● **INSTRUCTIONS TO FOLLOW**
Among the entries below, please repeat exactly and only the lines from the line containing "#247=VERTEX_POINT('',#246);" to the line containing "#262=DEFINITIONAL_REPRESENTATION('',(#260),#261);", both lines included.

--------------------

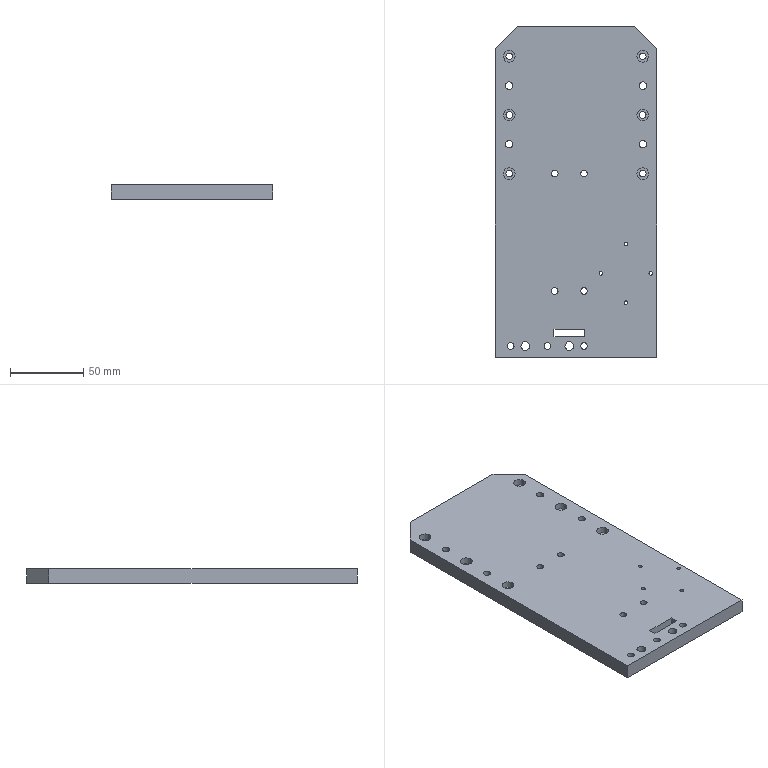Component | SolidWorks | GbgbYAxisConnectionPlate-1 | 1 solid | 97 faces | box 110 x 225 x 10 mm | volume 238530 mm3 | cylinder 72 | plane 25 | commonest cylinder face diameters 8 x26 4.5 x26 5 x8 2.5 x8 6 x4 | material AL6061
build123d program:
from build123d import *

# Parameters (mm, degrees)
SKETCH1_W                                            = 110
SKETCH1_H                                            = 220
BOSS_EXTRUDE1_DEPTH                                  = 5
M3_TAPPED_HOLE1_D                                    = 2.5
HOLE_SIZE_ACCORDING_TO_THE_TYPE_OF_HEX_S_D           = 4.5
HOLE_SIZE_ACCORDING_TO_THE_TYPE_OF_HEX_S_CBORE_D     = 8
HOLE_SIZE_ACCORDING_TO_THE_TYPE_OF_HEX_S_CBORE_DEPTH = 4.6
LPATTERN1_COUNT                                      = 3
LPATTERN1_PITCH                                      = 40
SKETCH13_W                                           = 21
SKETCH13_H                                           = 5
CUT_EXTRUDE2_DEPTH                                   = 10
MOVE_FACE1_BY                                        = 5
HOLE_SIZE_ACCORDING_TO_THE_TYPE_OF_H_2_D             = 4.5
HOLE_SIZE_ACCORDING_TO_THE_TYPE_OF_H_2_CBORE_D       = 8
HOLE_SIZE_ACCORDING_TO_THE_TYPE_OF_H_2_CBORE_DEPTH   = 4.6
HOLE_SIZE_ACCORDING_TO_THE_TYPE_OF_H_3_D             = 4.5
HOLE_SIZE_ACCORDING_TO_THE_TYPE_OF_H_3_CBORE_D       = 8
HOLE_SIZE_ACCORDING_TO_THE_TYPE_OF_H_3_CBORE_DEPTH   = 4.6
SKETCH20_R                                           = 3
CUT_EXTRUDE3_DEPTH                                   = 128.867
SKETCH21_R                                           = 2.5
CUT_EXTRUDE4_DEPTH                                   = 15
LPATTERN2_COUNT                                      = 2
LPATTERN2_PITCH                                      = 40
CHAMFER1_SIZE                                        = 15


with BuildPart() as part:
    # Sketch1 → Boss-Extrude1 (new, symmetric)
    with BuildSketch(Plane.XY):
        Rectangle(SKETCH1_W, SKETCH1_H)
    extrude(amount=BOSS_EXTRUDE1_DEPTH, both=True)

    # M3 Tapped Hole1 (through all)
    with Locations(Plane.XY.offset(5)):
        with Locations((34, -38), (17, -58), (51, -58), (34, -78)):
            Hole(M3_TAPPED_HOLE1_D / 2)

    # Hole Size according to the type of hex s (through all)
    with Locations(Plane.XY.offset(5)):
        with Locations((-45.5, 90), (45.5, 90)):
            hole_size_according_to_the_type_of_hex_s = CounterBoreHole(HOLE_SIZE_ACCORDING_TO_THE_TYPE_OF_HEX_S_D / 2, HOLE_SIZE_ACCORDING_TO_THE_TYPE_OF_HEX_S_CBORE_D / 2, HOLE_SIZE_ACCORDING_TO_THE_TYPE_OF_HEX_S_CBORE_DEPTH)

    # LPattern1: Hole Size according to the type of hex s ×3
    with Locations(*[(0, -i * LPATTERN1_PITCH, 0) for i in range(1, LPATTERN1_COUNT)]):
        add(hole_size_according_to_the_type_of_hex_s, mode=Mode.SUBTRACT)

    # Sketch13 → Cut-Extrude2 (cut)
    with BuildSketch(Plane(origin=(0, 0, -5), x_dir=(-1, 0, 0), z_dir=(0, 0, -1))):
        with Locations((4.5, -98.6)):
            Rectangle(SKETCH13_W, SKETCH13_H)
    extrude(amount=-CUT_EXTRUDE2_DEPTH, mode=Mode.SUBTRACT)

    # Move Face1: a face moved outward by 5.0
    extrude(part.faces().sort_by_distance((0, -110, 0))[0], amount=MOVE_FACE1_BY, dir=(0, -1, 0))

    # Hole Size according to the type of h 2 (through all)
    with Locations(Plane(origin=(0, 0, -5), x_dir=(-1, 0, 0), z_dir=(0, 0, -1))):
        with Locations((44.5, -107.5), (19.5, -107.5), (-5.5, -107.5)):
            CounterBoreHole(HOLE_SIZE_ACCORDING_TO_THE_TYPE_OF_H_2_D / 2, HOLE_SIZE_ACCORDING_TO_THE_TYPE_OF_H_2_CBORE_D / 2, HOLE_SIZE_ACCORDING_TO_THE_TYPE_OF_H_2_CBORE_DEPTH)

    # Hole Size according to the type of h 3 (through all)
    with Locations(Plane(origin=(0, 0, -5), x_dir=(-1, 0, 0), z_dir=(0, 0, -1))):
        with Locations((-5.5, -70), (14.5, -70), (-5.5, 10), (14.5, 10)):
            CounterBoreHole(HOLE_SIZE_ACCORDING_TO_THE_TYPE_OF_H_3_D / 2, HOLE_SIZE_ACCORDING_TO_THE_TYPE_OF_H_3_CBORE_D / 2, HOLE_SIZE_ACCORDING_TO_THE_TYPE_OF_H_3_CBORE_DEPTH)

    # Sketch20 → Cut-Extrude3 (cut, through all)
    with BuildSketch(Plane(origin=(0, 0, -5), x_dir=(-1, 0, 0), z_dir=(0, 0, -1))):
        with Locations((4.5, -107.5)):
            Circle(SKETCH20_R)
        with Locations((34.5, -107.5)):
            Circle(SKETCH20_R)
    extrude(amount=-CUT_EXTRUDE3_DEPTH, mode=Mode.SUBTRACT)

    # Sketch21 → Cut-Extrude4 (cut)
    with BuildSketch(Plane.XY.offset(5)):
        with Locations((-45.5, 70)):
            Circle(SKETCH21_R)
        with Locations((45.5, 70)):
            Circle(SKETCH21_R)
    cut_extrude4 = extrude(amount=-CUT_EXTRUDE4_DEPTH, mode=Mode.SUBTRACT)

    # LPattern2: Cut-Extrude4 ×2
    with Locations(*[(0, -i * LPATTERN2_PITCH, 0) for i in range(1, LPATTERN2_COUNT)]):
        add(cut_extrude4, mode=Mode.SUBTRACT)

    # Chamfer1
    chamfer1_edges = [part.edges().sort_by_distance(p)[0] for p in [
        (-55, 110, 0),
        (55, 110, 0),
    ]]
    chamfer(chamfer1_edges, length=CHAMFER1_SIZE)


solid = part.part

# Placed as in the assembly
solid = solid.moved(Location((84.946, 484.94, 385.232), (0, 0, 0)))
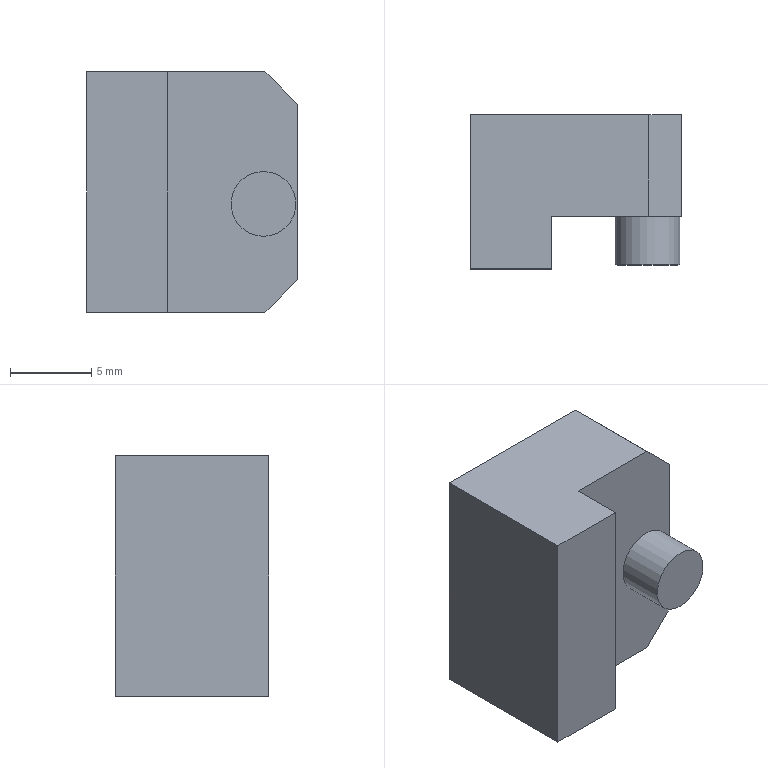Component | NX | SLIDER | 1 solid | 12 faces | box 13 x 9.5 x 14.83 mm | volume 1458 mm3 | plane 11 | cylinder 1 | commonest cylinder face diameters 4 x1
STEP:
#1=CARTESIAN_POINT('',(0.,0.,0.));
#2=DIRECTION('',(0.,0.,1.));
#3=DIRECTION('',(1.,0.,0.));
#4=AXIS2_PLACEMENT_3D('',#1,#2,#3);
#5=CARTESIAN_POINT('',(-316.,380.,341.346));
#6=VERTEX_POINT('',#5);
#7=CARTESIAN_POINT('',(-316.,380.,337.346));
#8=VERTEX_POINT('',#7);
#9=CARTESIAN_POINT('',(-316.,380.,339.346));
#10=DIRECTION('',(0.,-1.,0.));
#11=DIRECTION('',(0.,0.,1.));
#12=AXIS2_PLACEMENT_3D('',#9,#10,#11);
#13=CIRCLE('',#12,2.);
#14=CARTESIAN_POINT('',(-313.907,380.,347.493));
#15=DIRECTION('',(0.,1.,-0.));
#16=DIRECTION('',(0.,0.,1.));
#17=AXIS2_PLACEMENT_3D('',#14,#15,#16);
#18=PLANE('',#17);
#19=CARTESIAN_POINT('',(-6.147,-2.093));
#20=CARTESIAN_POINT('',(-6.147,-5.557));
#21=CARTESIAN_POINT('',(-9.147,-3.825));
#22=CARTESIAN_POINT('',(-12.147,-2.093));
#23=CARTESIAN_POINT('',(-9.147,-0.3606));
#24=CARTESIAN_POINT('',(-6.147,1.371));
#25=CARTESIAN_POINT('',(-6.147,-2.093));
#26=(BOUNDED_CURVE()B_SPLINE_CURVE(2,(#19,#20,#21,#22,#23,#24,#25),.UNSPECIFIED.,.T.,.F.)B_SPLINE_CURVE_WITH_KNOTS((1,2,2,2,2,1),(-2.094,0.,2.094,4.189,6.283,8.378),.UNSPECIFIED.)CURVE()GEOMETRIC_REPRESENTATION_ITEM()RATIONAL_B_SPLINE_CURVE((1.,0.5,1.,0.5,1.,0.5,1.))REPRESENTATION_ITEM(''));
#27=(GEOMETRIC_REPRESENTATION_CONTEXT(2)PARAMETRIC_REPRESENTATION_CONTEXT()REPRESENTATION_CONTEXT('',''));
#28=DEFINITIONAL_REPRESENTATION('',(#26),#27);
#29=PCURVE('',#18,#28);
#30=CARTESIAN_POINT('',(-316.,382.,339.346));
#31=DIRECTION('',(0.,-1.,-0.));
#32=DIRECTION('',(0.,0.,-1.));
#33=AXIS2_PLACEMENT_3D('',#30,#31,#32);
#34=CYLINDRICAL_SURFACE('',#33,2.);
#35=CARTESIAN_POINT('',(3.142,2.));
#36=DIRECTION('',(1.,0.));
#37=VECTOR('',#36,1.);
#38=LINE('',#35,#37);
#39=(GEOMETRIC_REPRESENTATION_CONTEXT(2)PARAMETRIC_REPRESENTATION_CONTEXT()REPRESENTATION_CONTEXT('',''));
#40=DEFINITIONAL_REPRESENTATION('',(#38),#39);
#41=PCURVE('',#34,#40);
#42=SURFACE_CURVE('',#13,(#29,#41),.PCURVE_S1.);
#43=EDGE_CURVE('',#6,#8,#42,.T.);
#44=ORIENTED_EDGE('',*,*,#43,.F.);
#45=CARTESIAN_POINT('',(-316.,380.,339.346));
#46=DIRECTION('',(0.,-1.,0.));
#47=DIRECTION('',(0.,0.,1.));
#48=AXIS2_PLACEMENT_3D('',#45,#46,#47);
#49=CIRCLE('',#48,2.);
#50=CARTESIAN_POINT('',(-6.147,-2.093));
#51=CARTESIAN_POINT('',(-6.147,-5.557));
#52=CARTESIAN_POINT('',(-9.147,-3.825));
#53=CARTESIAN_POINT('',(-12.147,-2.093));
#54=CARTESIAN_POINT('',(-9.147,-0.3606));
#55=CARTESIAN_POINT('',(-6.147,1.371));
#56=CARTESIAN_POINT('',(-6.147,-2.093));
#57=(BOUNDED_CURVE()B_SPLINE_CURVE(2,(#50,#51,#52,#53,#54,#55,#56),.UNSPECIFIED.,.T.,.F.)B_SPLINE_CURVE_WITH_KNOTS((1,2,2,2,2,1),(-2.094,0.,2.094,4.189,6.283,8.378),.UNSPECIFIED.)CURVE()GEOMETRIC_REPRESENTATION_ITEM()RATIONAL_B_SPLINE_CURVE((1.,0.5,1.,0.5,1.,0.5,1.))REPRESENTATION_ITEM(''));
#58=(GEOMETRIC_REPRESENTATION_CONTEXT(2)PARAMETRIC_REPRESENTATION_CONTEXT()REPRESENTATION_CONTEXT('',''));
#59=DEFINITIONAL_REPRESENTATION('',(#57),#58);
#60=PCURVE('',#18,#59);
#61=CARTESIAN_POINT('',(-3.142,2.));
#62=DIRECTION('',(1.,0.));
#63=VECTOR('',#62,1.);
#64=LINE('',#61,#63);
#65=(GEOMETRIC_REPRESENTATION_CONTEXT(2)PARAMETRIC_REPRESENTATION_CONTEXT()REPRESENTATION_CONTEXT('',''));
#66=DEFINITIONAL_REPRESENTATION('',(#64),#65);
#67=PCURVE('',#34,#66);
#68=SURFACE_CURVE('',#49,(#60,#67),.PCURVE_S1.);
#69=EDGE_CURVE('',#8,#6,#68,.T.);
#70=ORIENTED_EDGE('',*,*,#69,.F.);
#71=EDGE_LOOP('',(#44,#70));
#72=FACE_BOUND('',#71,.T.);
#73=CARTESIAN_POINT('',(-315.907,380.,332.665));
#74=VERTEX_POINT('',#73);
#75=CARTESIAN_POINT('',(-321.907,380.,332.665));
#76=VERTEX_POINT('',#75);
#77=CARTESIAN_POINT('',(-313.907,380.,332.665));
#78=DIRECTION('',(-1.,0.,0.));
#79=VECTOR('',#78,1.);
#80=LINE('',#77,#79);
#81=CARTESIAN_POINT('',(-14.828,0.));
#82=DIRECTION('',(0.,-1.));
#83=VECTOR('',#82,1.);
#84=LINE('',#81,#83);
#85=(GEOMETRIC_REPRESENTATION_CONTEXT(2)PARAMETRIC_REPRESENTATION_CONTEXT()REPRESENTATION_CONTEXT('',''));
#86=DEFINITIONAL_REPRESENTATION('',(#84),#85);
#87=PCURVE('',#18,#86);
#88=CARTESIAN_POINT('',(-313.907,380.,332.665));
#89=DIRECTION('',(0.,0.,1.));
#90=DIRECTION('',(-1.,0.,0.));
#91=AXIS2_PLACEMENT_3D('',#88,#89,#90);
#92=PLANE('',#91);
#93=CARTESIAN_POINT('',(0.,0.));
#94=DIRECTION('',(1.,0.));
#95=VECTOR('',#94,1.);
#96=LINE('',#93,#95);
#97=(GEOMETRIC_REPRESENTATION_CONTEXT(2)PARAMETRIC_REPRESENTATION_CONTEXT()REPRESENTATION_CONTEXT('',''));
#98=DEFINITIONAL_REPRESENTATION('',(#96),#97);
#99=PCURVE('',#92,#98);
#100=SURFACE_CURVE('',#80,(#87,#99),.PCURVE_S1.);
#101=EDGE_CURVE('',#74,#76,#100,.T.);
#102=ORIENTED_EDGE('',*,*,#101,.F.);
#103=CARTESIAN_POINT('',(-313.907,380.,334.665));
#104=VERTEX_POINT('',#103);
#105=CARTESIAN_POINT('',(-313.907,380.,334.665));
#106=DIRECTION('',(0.7071,0.,0.7071));
#107=VECTOR('',#106,1.);
#108=LINE('',#105,#107);
#109=CARTESIAN_POINT('',(-12.828,-0.));
#110=DIRECTION('',(0.7071,0.7071));
#111=VECTOR('',#110,1.);
#112=LINE('',#109,#111);
#113=(GEOMETRIC_REPRESENTATION_CONTEXT(2)PARAMETRIC_REPRESENTATION_CONTEXT()REPRESENTATION_CONTEXT('',''));
#114=DEFINITIONAL_REPRESENTATION('',(#112),#113);
#115=PCURVE('',#18,#114);
#116=CARTESIAN_POINT('',(-313.907,0.,334.665));
#117=DIRECTION('',(0.7071,0.,-0.7071));
#118=DIRECTION('',(0.,-1.,0.));
#119=AXIS2_PLACEMENT_3D('',#116,#117,#118);
#120=PLANE('',#119);
#121=CARTESIAN_POINT('',(-380.,0.));
#122=DIRECTION('',(-0.,-1.));
#123=VECTOR('',#122,1.);
#124=LINE('',#121,#123);
#125=(GEOMETRIC_REPRESENTATION_CONTEXT(2)PARAMETRIC_REPRESENTATION_CONTEXT()REPRESENTATION_CONTEXT('',''));
#126=DEFINITIONAL_REPRESENTATION('',(#124),#125);
#127=PCURVE('',#120,#126);
#128=SURFACE_CURVE('',#108,(#115,#127),.PCURVE_S1.);
#129=EDGE_CURVE('',#74,#104,#128,.T.);
#130=ORIENTED_EDGE('',*,*,#129,.T.);
#131=CARTESIAN_POINT('',(-313.907,380.,345.493));
#132=VERTEX_POINT('',#131);
#133=CARTESIAN_POINT('',(-313.907,380.,347.493));
#134=DIRECTION('',(0.,-0.,-1.));
#135=VECTOR('',#134,1.);
#136=LINE('',#133,#135);
#137=CARTESIAN_POINT('',(0.,0.));
#138=DIRECTION('',(-1.,0.));
#139=VECTOR('',#138,1.);
#140=LINE('',#137,#139);
#141=(GEOMETRIC_REPRESENTATION_CONTEXT(2)PARAMETRIC_REPRESENTATION_CONTEXT()REPRESENTATION_CONTEXT('',''));
#142=DEFINITIONAL_REPRESENTATION('',(#140),#141);
#143=PCURVE('',#18,#142);
#144=CARTESIAN_POINT('',(-313.907,0.,678.691));
#145=DIRECTION('',(1.,0.,0.));
#146=DIRECTION('',(0.,0.,1.));
#147=AXIS2_PLACEMENT_3D('',#144,#145,#146);
#148=PLANE('',#147);
#149=CARTESIAN_POINT('',(-331.198,-380.));
#150=DIRECTION('',(-1.,0.));
#151=VECTOR('',#150,1.);
#152=LINE('',#149,#151);
#153=(GEOMETRIC_REPRESENTATION_CONTEXT(2)PARAMETRIC_REPRESENTATION_CONTEXT()REPRESENTATION_CONTEXT('',''));
#154=DEFINITIONAL_REPRESENTATION('',(#152),#153);
#155=PCURVE('',#148,#154);
#156=SURFACE_CURVE('',#136,(#143,#155),.PCURVE_S1.);
#157=EDGE_CURVE('',#132,#104,#156,.T.);
#158=ORIENTED_EDGE('',*,*,#157,.F.);
#159=CARTESIAN_POINT('',(-315.907,380.,347.493));
#160=VERTEX_POINT('',#159);
#161=CARTESIAN_POINT('',(-313.907,380.,345.493));
#162=DIRECTION('',(-0.7071,0.,0.7071));
#163=VECTOR('',#162,1.);
#164=LINE('',#161,#163);
#165=CARTESIAN_POINT('',(-2.,0.));
#166=DIRECTION('',(0.7071,-0.7071));
#167=VECTOR('',#166,1.);
#168=LINE('',#165,#167);
#169=(GEOMETRIC_REPRESENTATION_CONTEXT(2)PARAMETRIC_REPRESENTATION_CONTEXT()REPRESENTATION_CONTEXT('',''));
#170=DEFINITIONAL_REPRESENTATION('',(#168),#169);
#171=PCURVE('',#18,#170);
#172=CARTESIAN_POINT('',(-313.907,0.,345.493));
#173=DIRECTION('',(0.7071,0.,0.7071));
#174=DIRECTION('',(0.,1.,0.));
#175=AXIS2_PLACEMENT_3D('',#172,#173,#174);
#176=PLANE('',#175);
#177=CARTESIAN_POINT('',(380.,-0.));
#178=DIRECTION('',(0.,1.));
#179=VECTOR('',#178,1.);
#180=LINE('',#177,#179);
#181=(GEOMETRIC_REPRESENTATION_CONTEXT(2)PARAMETRIC_REPRESENTATION_CONTEXT()REPRESENTATION_CONTEXT('',''));
#182=DEFINITIONAL_REPRESENTATION('',(#180),#181);
#183=PCURVE('',#176,#182);
#184=SURFACE_CURVE('',#164,(#171,#183),.PCURVE_S1.);
#185=EDGE_CURVE('',#132,#160,#184,.T.);
#186=ORIENTED_EDGE('',*,*,#185,.T.);
#187=CARTESIAN_POINT('',(-321.907,380.,347.493));
#188=VERTEX_POINT('',#187);
#189=CARTESIAN_POINT('',(-313.907,380.,347.493));
#190=DIRECTION('',(-1.,0.,0.));
#191=VECTOR('',#190,1.);
#192=LINE('',#189,#191);
#193=CARTESIAN_POINT('',(0.,0.));
#194=DIRECTION('',(0.,-1.));
#195=VECTOR('',#194,1.);
#196=LINE('',#193,#195);
#197=(GEOMETRIC_REPRESENTATION_CONTEXT(2)PARAMETRIC_REPRESENTATION_CONTEXT()REPRESENTATION_CONTEXT('',''));
#198=DEFINITIONAL_REPRESENTATION('',(#196),#197);
#199=PCURVE('',#18,#198);
#200=CARTESIAN_POINT('',(-313.907,386.248,347.493));
#201=DIRECTION('',(0.,0.,-1.));
#202=DIRECTION('',(1.,0.,0.));
#203=AXIS2_PLACEMENT_3D('',#200,#201,#202);
#204=PLANE('',#203);
#205=CARTESIAN_POINT('',(0.,6.248));
#206=DIRECTION('',(-1.,0.));
#207=VECTOR('',#206,1.);
#208=LINE('',#205,#207);
#209=(GEOMETRIC_REPRESENTATION_CONTEXT(2)PARAMETRIC_REPRESENTATION_CONTEXT()REPRESENTATION_CONTEXT('',''));
#210=DEFINITIONAL_REPRESENTATION('',(#208),#209);
#211=PCURVE('',#204,#210);
#212=SURFACE_CURVE('',#192,(#199,#211),.PCURVE_S1.);
#213=EDGE_CURVE('',#160,#188,#212,.T.);
#214=ORIENTED_EDGE('',*,*,#213,.T.);
#215=CARTESIAN_POINT('',(-321.907,380.,332.665));
#216=DIRECTION('',(0.,0.,1.));
#217=VECTOR('',#216,1.);
#218=LINE('',#215,#217);
#219=CARTESIAN_POINT('',(-14.828,-8.));
#220=DIRECTION('',(1.,0.));
#221=VECTOR('',#220,1.);
#222=LINE('',#219,#221);
#223=(GEOMETRIC_REPRESENTATION_CONTEXT(2)PARAMETRIC_REPRESENTATION_CONTEXT()REPRESENTATION_CONTEXT('',''));
#224=DEFINITIONAL_REPRESENTATION('',(#222),#223);
#225=PCURVE('',#18,#224);
#226=CARTESIAN_POINT('',(-321.907,0.,678.691));
#227=DIRECTION('',(1.,0.,0.));
#228=DIRECTION('',(0.,0.,1.));
#229=AXIS2_PLACEMENT_3D('',#226,#227,#228);
#230=PLANE('',#229);
#231=CARTESIAN_POINT('',(-346.026,-380.));
#232=DIRECTION('',(1.,-0.));
#233=VECTOR('',#232,1.);
#234=LINE('',#231,#233);
#235=(GEOMETRIC_REPRESENTATION_CONTEXT(2)PARAMETRIC_REPRESENTATION_CONTEXT()REPRESENTATION_CONTEXT('',''));
#236=DEFINITIONAL_REPRESENTATION('',(#234),#235);
#237=PCURVE('',#230,#236);
#238=SURFACE_CURVE('',#218,(#225,#237),.PCURVE_S1.);
#239=EDGE_CURVE('',#76,#188,#238,.T.);
#240=ORIENTED_EDGE('',*,*,#239,.F.);
#241=EDGE_LOOP('',(#102,#130,#158,#186,#214,#240));
#242=FACE_BOUND('',#241,.T.);
#243=ADVANCED_FACE('',(#72,#242),#18,.F.);
#244=CARTESIAN_POINT('',(-313.907,386.248,334.665));
#245=VERTEX_POINT('',#244);
#246=CARTESIAN_POINT('',(-313.907,386.248,345.493));
#247=VERTEX_POINT('',#246);
#248=CARTESIAN_POINT('',(-313.907,386.248,332.665));
#249=DIRECTION('',(0.,0.,1.));
#250=VECTOR('',#249,1.);
#251=LINE('',#248,#250);
#252=CARTESIAN_POINT('',(-313.907,386.248,332.665));
#253=DIRECTION('',(0.,-1.,0.));
#254=DIRECTION('',(0.,0.,-1.));
#255=AXIS2_PLACEMENT_3D('',#252,#253,#254);
#256=PLANE('',#255);
#257=CARTESIAN_POINT('',(0.,0.));
#258=DIRECTION('',(-1.,0.));
#259=VECTOR('',#258,1.);
#260=LINE('',#257,#259);
#261=(GEOMETRIC_REPRESENTATION_CONTEXT(2)PARAMETRIC_REPRESENTATION_CONTEXT()REPRESENTATION_CONTEXT('',''));
#262=DEFINITIONAL_REPRESENTATION('',(#260),#261);
#263=PCURVE('',#256,#262);
#264=CARTESIAN_POINT('',(-346.026,-386.248));
#265=DIRECTION('',(1.,0.));
#266=VECTOR('',#265,1.);
#267=LINE('',#264,#266);
#268=(GEOMETRIC_REPRESENTATION_CONTEXT(2)PARAMETRIC_REPRESENTATION_CONTEXT()REPRESENTATION_CONTEXT('',''));
#269=DEFINITIONAL_REPRESENTATION('',(#267),#268);
#270=PCURVE('',#148,#269);
#271=SURFACE_CURVE('',#251,(#263,#270),.PCURVE_S1.);
#272=EDGE_CURVE('',#245,#247,#271,.T.);
#273=ORIENTED_EDGE('',*,*,#272,.F.);
#274=CARTESIAN_POINT('',(-315.907,386.248,332.665));
#275=VERTEX_POINT('',#274);
#276=CARTESIAN_POINT('',(-313.907,386.248,334.665));
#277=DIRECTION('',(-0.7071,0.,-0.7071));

--------------------

● **ANSWER**
#247=VERTEX_POINT('',#246);
#248=CARTESIAN_POINT('',(-313.907,386.248,332.665));
#249=DIRECTION('',(0.,0.,1.));
#250=VECTOR('',#249,1.);
#251=LINE('',#248,#250);
#252=CARTESIAN_POINT('',(-313.907,386.248,332.665));
#253=DIRECTION('',(0.,-1.,0.));
#254=DIRECTION('',(0.,0.,-1.));
#255=AXIS2_PLACEMENT_3D('',#252,#253,#254);
#256=PLANE('',#255);
#257=CARTESIAN_POINT('',(0.,0.));
#258=DIRECTION('',(-1.,0.));
#259=VECTOR('',#258,1.);
#260=LINE('',#257,#259);
#261=(GEOMETRIC_REPRESENTATION_CONTEXT(2)PARAMETRIC_REPRESENTATION_CONTEXT()REPRESENTATION_CONTEXT('',''));
#262=DEFINITIONAL_REPRESENTATION('',(#260),#261);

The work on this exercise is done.